Extracted data entries
▽

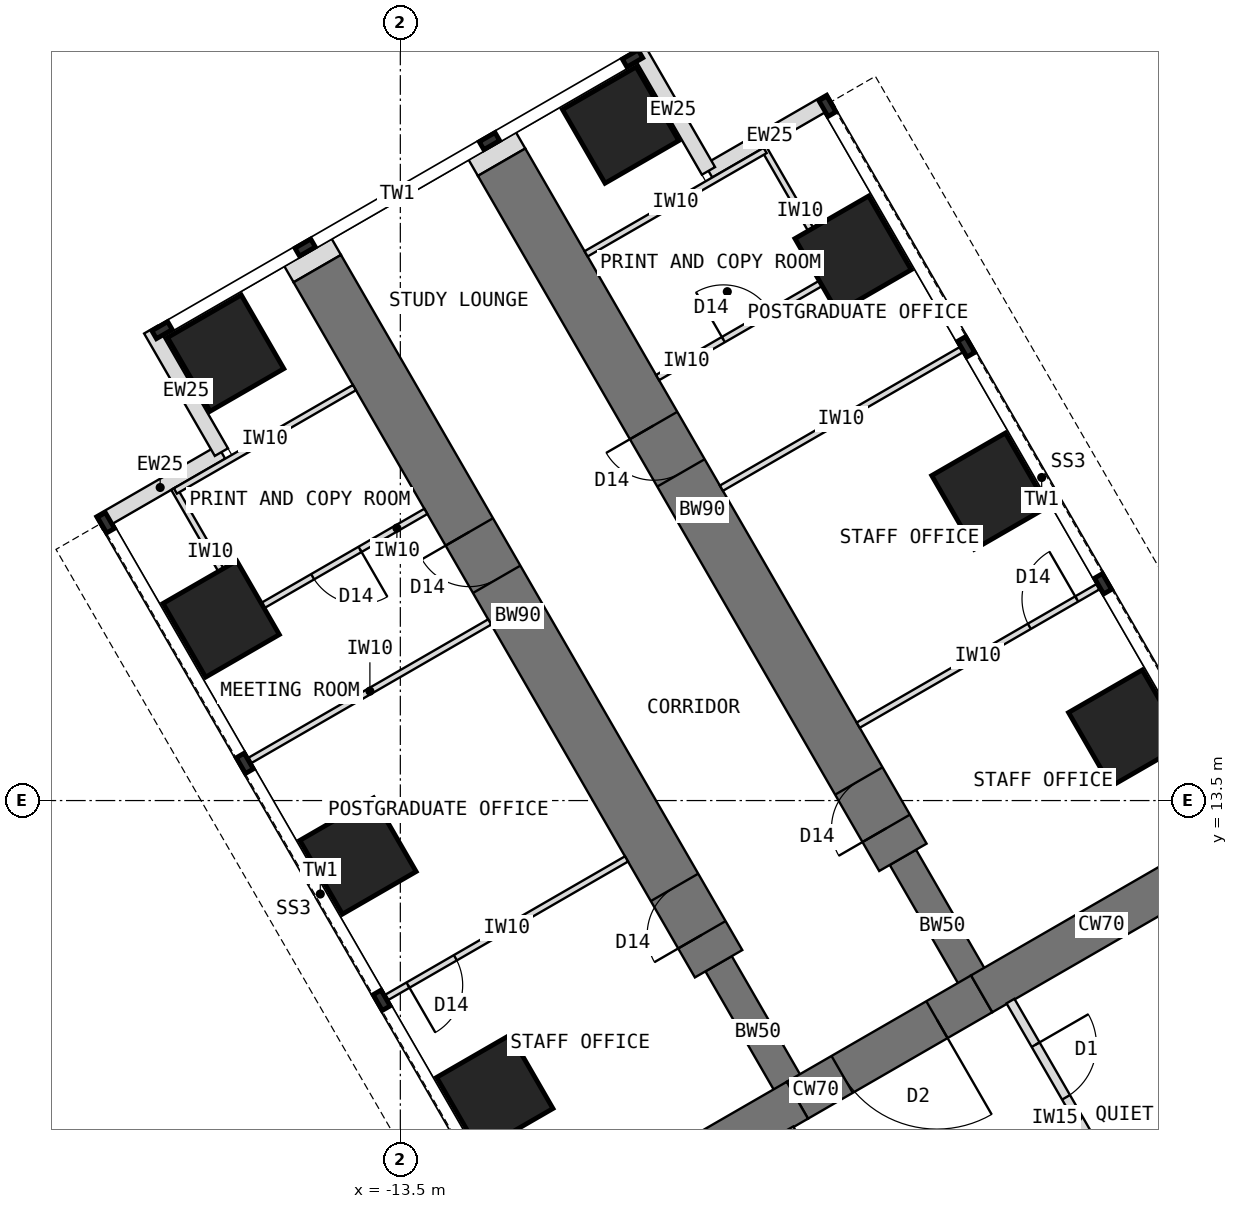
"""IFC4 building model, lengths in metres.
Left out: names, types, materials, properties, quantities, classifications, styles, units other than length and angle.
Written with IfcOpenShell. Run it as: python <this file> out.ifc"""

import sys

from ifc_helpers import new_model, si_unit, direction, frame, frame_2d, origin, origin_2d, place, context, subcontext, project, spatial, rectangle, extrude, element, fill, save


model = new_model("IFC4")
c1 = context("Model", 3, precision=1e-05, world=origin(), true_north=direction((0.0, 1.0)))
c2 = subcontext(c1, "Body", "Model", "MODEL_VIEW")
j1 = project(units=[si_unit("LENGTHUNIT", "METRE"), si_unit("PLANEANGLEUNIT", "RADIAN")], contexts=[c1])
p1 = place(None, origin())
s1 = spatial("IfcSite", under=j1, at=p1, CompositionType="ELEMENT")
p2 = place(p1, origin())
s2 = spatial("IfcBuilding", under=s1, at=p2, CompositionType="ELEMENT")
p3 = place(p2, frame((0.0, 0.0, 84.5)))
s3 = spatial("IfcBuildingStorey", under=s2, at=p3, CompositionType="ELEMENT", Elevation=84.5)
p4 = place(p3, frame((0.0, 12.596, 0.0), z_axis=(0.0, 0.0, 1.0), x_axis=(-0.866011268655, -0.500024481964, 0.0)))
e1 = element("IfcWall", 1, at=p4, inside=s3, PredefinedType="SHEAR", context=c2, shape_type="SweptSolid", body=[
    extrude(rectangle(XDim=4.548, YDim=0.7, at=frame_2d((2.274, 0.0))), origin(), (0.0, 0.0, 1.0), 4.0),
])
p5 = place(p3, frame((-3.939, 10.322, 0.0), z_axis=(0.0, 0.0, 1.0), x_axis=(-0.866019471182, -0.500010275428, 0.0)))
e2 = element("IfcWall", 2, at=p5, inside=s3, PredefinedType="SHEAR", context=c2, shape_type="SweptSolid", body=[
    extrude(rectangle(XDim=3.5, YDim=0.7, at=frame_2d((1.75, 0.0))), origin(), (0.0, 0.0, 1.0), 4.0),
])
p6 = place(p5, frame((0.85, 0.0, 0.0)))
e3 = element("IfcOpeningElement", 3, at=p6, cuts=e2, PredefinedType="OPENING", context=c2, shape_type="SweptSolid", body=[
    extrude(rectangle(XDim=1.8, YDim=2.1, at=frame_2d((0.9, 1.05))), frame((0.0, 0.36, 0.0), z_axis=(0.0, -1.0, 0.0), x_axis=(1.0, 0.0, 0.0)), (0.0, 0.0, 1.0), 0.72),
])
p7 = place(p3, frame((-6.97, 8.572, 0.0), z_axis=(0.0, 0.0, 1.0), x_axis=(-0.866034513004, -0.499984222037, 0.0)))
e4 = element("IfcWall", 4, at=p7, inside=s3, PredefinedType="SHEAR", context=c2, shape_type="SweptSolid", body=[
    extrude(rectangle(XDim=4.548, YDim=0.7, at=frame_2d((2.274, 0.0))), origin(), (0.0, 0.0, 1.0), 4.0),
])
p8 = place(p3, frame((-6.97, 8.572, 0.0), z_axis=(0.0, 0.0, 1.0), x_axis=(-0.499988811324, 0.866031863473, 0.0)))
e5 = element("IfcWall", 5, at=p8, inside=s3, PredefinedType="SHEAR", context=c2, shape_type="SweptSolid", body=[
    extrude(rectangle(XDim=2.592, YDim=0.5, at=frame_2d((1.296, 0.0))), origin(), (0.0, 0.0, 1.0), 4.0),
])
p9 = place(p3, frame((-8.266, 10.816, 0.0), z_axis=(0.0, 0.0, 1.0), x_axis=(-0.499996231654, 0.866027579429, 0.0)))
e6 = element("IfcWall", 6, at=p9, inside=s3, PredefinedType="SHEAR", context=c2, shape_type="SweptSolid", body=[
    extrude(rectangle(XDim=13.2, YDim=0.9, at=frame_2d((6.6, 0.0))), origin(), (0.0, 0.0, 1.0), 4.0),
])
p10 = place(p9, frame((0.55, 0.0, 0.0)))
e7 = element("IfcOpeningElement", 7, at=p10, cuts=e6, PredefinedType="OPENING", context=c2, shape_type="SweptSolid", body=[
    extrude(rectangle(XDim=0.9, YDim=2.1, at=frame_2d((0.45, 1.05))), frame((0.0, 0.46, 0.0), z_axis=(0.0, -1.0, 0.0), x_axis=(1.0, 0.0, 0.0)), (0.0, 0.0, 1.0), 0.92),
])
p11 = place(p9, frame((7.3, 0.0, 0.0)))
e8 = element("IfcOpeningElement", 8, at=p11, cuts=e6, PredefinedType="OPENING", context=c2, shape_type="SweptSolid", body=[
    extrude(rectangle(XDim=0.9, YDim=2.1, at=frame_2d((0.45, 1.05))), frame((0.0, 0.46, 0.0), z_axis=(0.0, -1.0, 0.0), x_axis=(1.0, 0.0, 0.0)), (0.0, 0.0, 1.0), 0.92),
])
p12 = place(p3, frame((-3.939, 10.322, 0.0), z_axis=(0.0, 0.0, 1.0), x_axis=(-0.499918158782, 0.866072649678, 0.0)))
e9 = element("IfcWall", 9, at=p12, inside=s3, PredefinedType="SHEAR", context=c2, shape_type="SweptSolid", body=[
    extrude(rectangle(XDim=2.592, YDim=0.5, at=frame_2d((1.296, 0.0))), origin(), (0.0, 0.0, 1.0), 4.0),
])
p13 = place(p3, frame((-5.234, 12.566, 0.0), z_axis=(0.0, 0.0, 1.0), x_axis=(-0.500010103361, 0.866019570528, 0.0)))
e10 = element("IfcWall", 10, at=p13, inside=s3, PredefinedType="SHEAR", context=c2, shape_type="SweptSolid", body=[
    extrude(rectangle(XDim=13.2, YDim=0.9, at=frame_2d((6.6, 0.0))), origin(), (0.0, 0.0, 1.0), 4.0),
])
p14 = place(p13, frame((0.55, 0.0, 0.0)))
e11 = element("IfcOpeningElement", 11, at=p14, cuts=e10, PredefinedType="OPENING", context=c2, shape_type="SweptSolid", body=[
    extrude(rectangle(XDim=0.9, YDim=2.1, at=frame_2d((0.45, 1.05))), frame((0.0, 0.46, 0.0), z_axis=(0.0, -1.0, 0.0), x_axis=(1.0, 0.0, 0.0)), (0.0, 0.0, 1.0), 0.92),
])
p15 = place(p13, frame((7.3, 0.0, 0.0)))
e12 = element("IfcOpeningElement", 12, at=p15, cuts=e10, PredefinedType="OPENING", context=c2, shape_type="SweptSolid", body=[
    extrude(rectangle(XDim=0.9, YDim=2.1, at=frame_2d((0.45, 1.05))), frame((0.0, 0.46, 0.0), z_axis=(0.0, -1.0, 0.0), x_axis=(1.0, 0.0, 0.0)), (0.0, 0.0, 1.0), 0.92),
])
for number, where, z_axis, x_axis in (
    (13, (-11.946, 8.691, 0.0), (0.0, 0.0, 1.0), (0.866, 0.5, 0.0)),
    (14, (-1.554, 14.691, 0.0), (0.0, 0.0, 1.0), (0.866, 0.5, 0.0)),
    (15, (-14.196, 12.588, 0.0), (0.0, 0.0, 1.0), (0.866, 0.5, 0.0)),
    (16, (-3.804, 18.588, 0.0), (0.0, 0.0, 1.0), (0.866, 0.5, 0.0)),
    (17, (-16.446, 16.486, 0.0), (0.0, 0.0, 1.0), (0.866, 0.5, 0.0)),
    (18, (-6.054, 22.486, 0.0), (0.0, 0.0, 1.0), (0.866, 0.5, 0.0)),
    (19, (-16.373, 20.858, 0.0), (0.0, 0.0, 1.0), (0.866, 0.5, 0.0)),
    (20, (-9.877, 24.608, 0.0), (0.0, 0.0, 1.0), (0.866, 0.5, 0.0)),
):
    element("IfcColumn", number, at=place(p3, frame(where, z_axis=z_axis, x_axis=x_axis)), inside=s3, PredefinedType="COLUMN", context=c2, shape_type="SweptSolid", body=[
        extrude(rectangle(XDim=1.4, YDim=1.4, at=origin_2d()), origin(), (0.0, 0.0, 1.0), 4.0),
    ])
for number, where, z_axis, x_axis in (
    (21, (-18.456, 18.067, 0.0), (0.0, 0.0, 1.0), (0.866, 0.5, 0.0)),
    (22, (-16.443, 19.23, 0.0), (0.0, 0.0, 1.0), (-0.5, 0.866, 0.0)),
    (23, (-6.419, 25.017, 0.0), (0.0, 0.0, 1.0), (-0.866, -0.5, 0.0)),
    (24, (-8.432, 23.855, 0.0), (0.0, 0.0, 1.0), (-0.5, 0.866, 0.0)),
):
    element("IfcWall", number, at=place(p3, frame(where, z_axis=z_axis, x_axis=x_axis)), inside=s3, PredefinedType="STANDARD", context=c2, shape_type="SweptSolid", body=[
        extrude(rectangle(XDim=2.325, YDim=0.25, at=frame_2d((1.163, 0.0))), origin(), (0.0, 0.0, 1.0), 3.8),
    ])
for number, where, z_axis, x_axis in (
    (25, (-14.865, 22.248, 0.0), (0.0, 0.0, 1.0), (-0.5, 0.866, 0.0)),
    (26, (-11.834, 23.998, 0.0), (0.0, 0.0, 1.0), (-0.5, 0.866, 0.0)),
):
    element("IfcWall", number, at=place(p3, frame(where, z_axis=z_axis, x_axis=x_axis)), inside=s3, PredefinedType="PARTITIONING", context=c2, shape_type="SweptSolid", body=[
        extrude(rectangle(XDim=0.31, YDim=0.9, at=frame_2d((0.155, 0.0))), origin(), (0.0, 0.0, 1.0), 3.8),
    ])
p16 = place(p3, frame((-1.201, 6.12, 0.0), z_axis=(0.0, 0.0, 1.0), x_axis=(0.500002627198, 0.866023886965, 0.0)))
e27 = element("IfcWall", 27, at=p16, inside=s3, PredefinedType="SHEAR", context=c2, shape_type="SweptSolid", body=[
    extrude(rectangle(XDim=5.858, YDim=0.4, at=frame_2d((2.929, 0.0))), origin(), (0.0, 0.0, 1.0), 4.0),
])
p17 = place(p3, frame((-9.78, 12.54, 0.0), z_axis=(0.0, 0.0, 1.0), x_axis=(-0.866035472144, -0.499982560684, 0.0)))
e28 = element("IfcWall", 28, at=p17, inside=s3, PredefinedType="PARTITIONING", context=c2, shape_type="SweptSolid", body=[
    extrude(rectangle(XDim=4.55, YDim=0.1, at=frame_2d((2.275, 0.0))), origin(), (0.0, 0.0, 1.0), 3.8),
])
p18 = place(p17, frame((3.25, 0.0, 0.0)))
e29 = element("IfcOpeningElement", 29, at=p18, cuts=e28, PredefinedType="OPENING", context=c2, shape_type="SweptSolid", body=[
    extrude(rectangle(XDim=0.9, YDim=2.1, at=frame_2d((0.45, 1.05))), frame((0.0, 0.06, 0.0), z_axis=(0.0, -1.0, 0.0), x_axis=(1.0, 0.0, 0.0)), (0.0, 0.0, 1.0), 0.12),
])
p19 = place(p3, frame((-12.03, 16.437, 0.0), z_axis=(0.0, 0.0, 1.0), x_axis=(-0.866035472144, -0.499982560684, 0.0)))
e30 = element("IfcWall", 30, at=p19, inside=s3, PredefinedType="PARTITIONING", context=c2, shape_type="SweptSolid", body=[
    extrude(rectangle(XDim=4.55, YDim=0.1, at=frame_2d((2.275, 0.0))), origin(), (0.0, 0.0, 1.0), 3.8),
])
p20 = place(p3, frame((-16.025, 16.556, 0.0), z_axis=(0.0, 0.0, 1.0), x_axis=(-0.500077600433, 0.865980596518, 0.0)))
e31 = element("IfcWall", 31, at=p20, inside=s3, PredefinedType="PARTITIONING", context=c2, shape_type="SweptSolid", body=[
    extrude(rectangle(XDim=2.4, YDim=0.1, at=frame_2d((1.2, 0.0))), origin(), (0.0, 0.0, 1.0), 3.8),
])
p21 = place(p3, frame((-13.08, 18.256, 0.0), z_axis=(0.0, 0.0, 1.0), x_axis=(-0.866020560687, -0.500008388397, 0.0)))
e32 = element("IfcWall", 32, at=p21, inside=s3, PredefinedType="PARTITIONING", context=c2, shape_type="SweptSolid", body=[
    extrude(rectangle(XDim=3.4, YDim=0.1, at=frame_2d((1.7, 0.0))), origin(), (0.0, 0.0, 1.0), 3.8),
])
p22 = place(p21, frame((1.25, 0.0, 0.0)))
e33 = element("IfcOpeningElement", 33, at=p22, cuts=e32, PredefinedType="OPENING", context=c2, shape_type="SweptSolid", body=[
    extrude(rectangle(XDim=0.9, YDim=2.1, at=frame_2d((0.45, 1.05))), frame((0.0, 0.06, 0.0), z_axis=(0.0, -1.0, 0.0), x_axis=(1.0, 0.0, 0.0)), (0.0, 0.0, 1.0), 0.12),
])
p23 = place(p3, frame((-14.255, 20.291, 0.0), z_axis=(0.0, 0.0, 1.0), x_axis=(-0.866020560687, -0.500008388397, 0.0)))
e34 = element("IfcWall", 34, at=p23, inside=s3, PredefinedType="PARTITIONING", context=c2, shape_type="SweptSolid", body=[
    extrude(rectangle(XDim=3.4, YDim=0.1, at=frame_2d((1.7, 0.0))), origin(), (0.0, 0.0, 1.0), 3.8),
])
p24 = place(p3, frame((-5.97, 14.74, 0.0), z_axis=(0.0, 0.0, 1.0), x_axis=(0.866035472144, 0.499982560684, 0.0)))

△

### Requirement
Would you please copy every line in the data that contains the word "project"?

### Finished exercise
from ifc_helpers import new_model, si_unit, direction, frame, frame_2d, origin, origin_2d, place, context, subcontext, project, spatial, rectangle, extrude, element, fill, save
j1 = project(units=[si_unit("LENGTHUNIT", "METRE"), si_unit("PLANEANGLEUNIT", "RADIAN")], contexts=[c1])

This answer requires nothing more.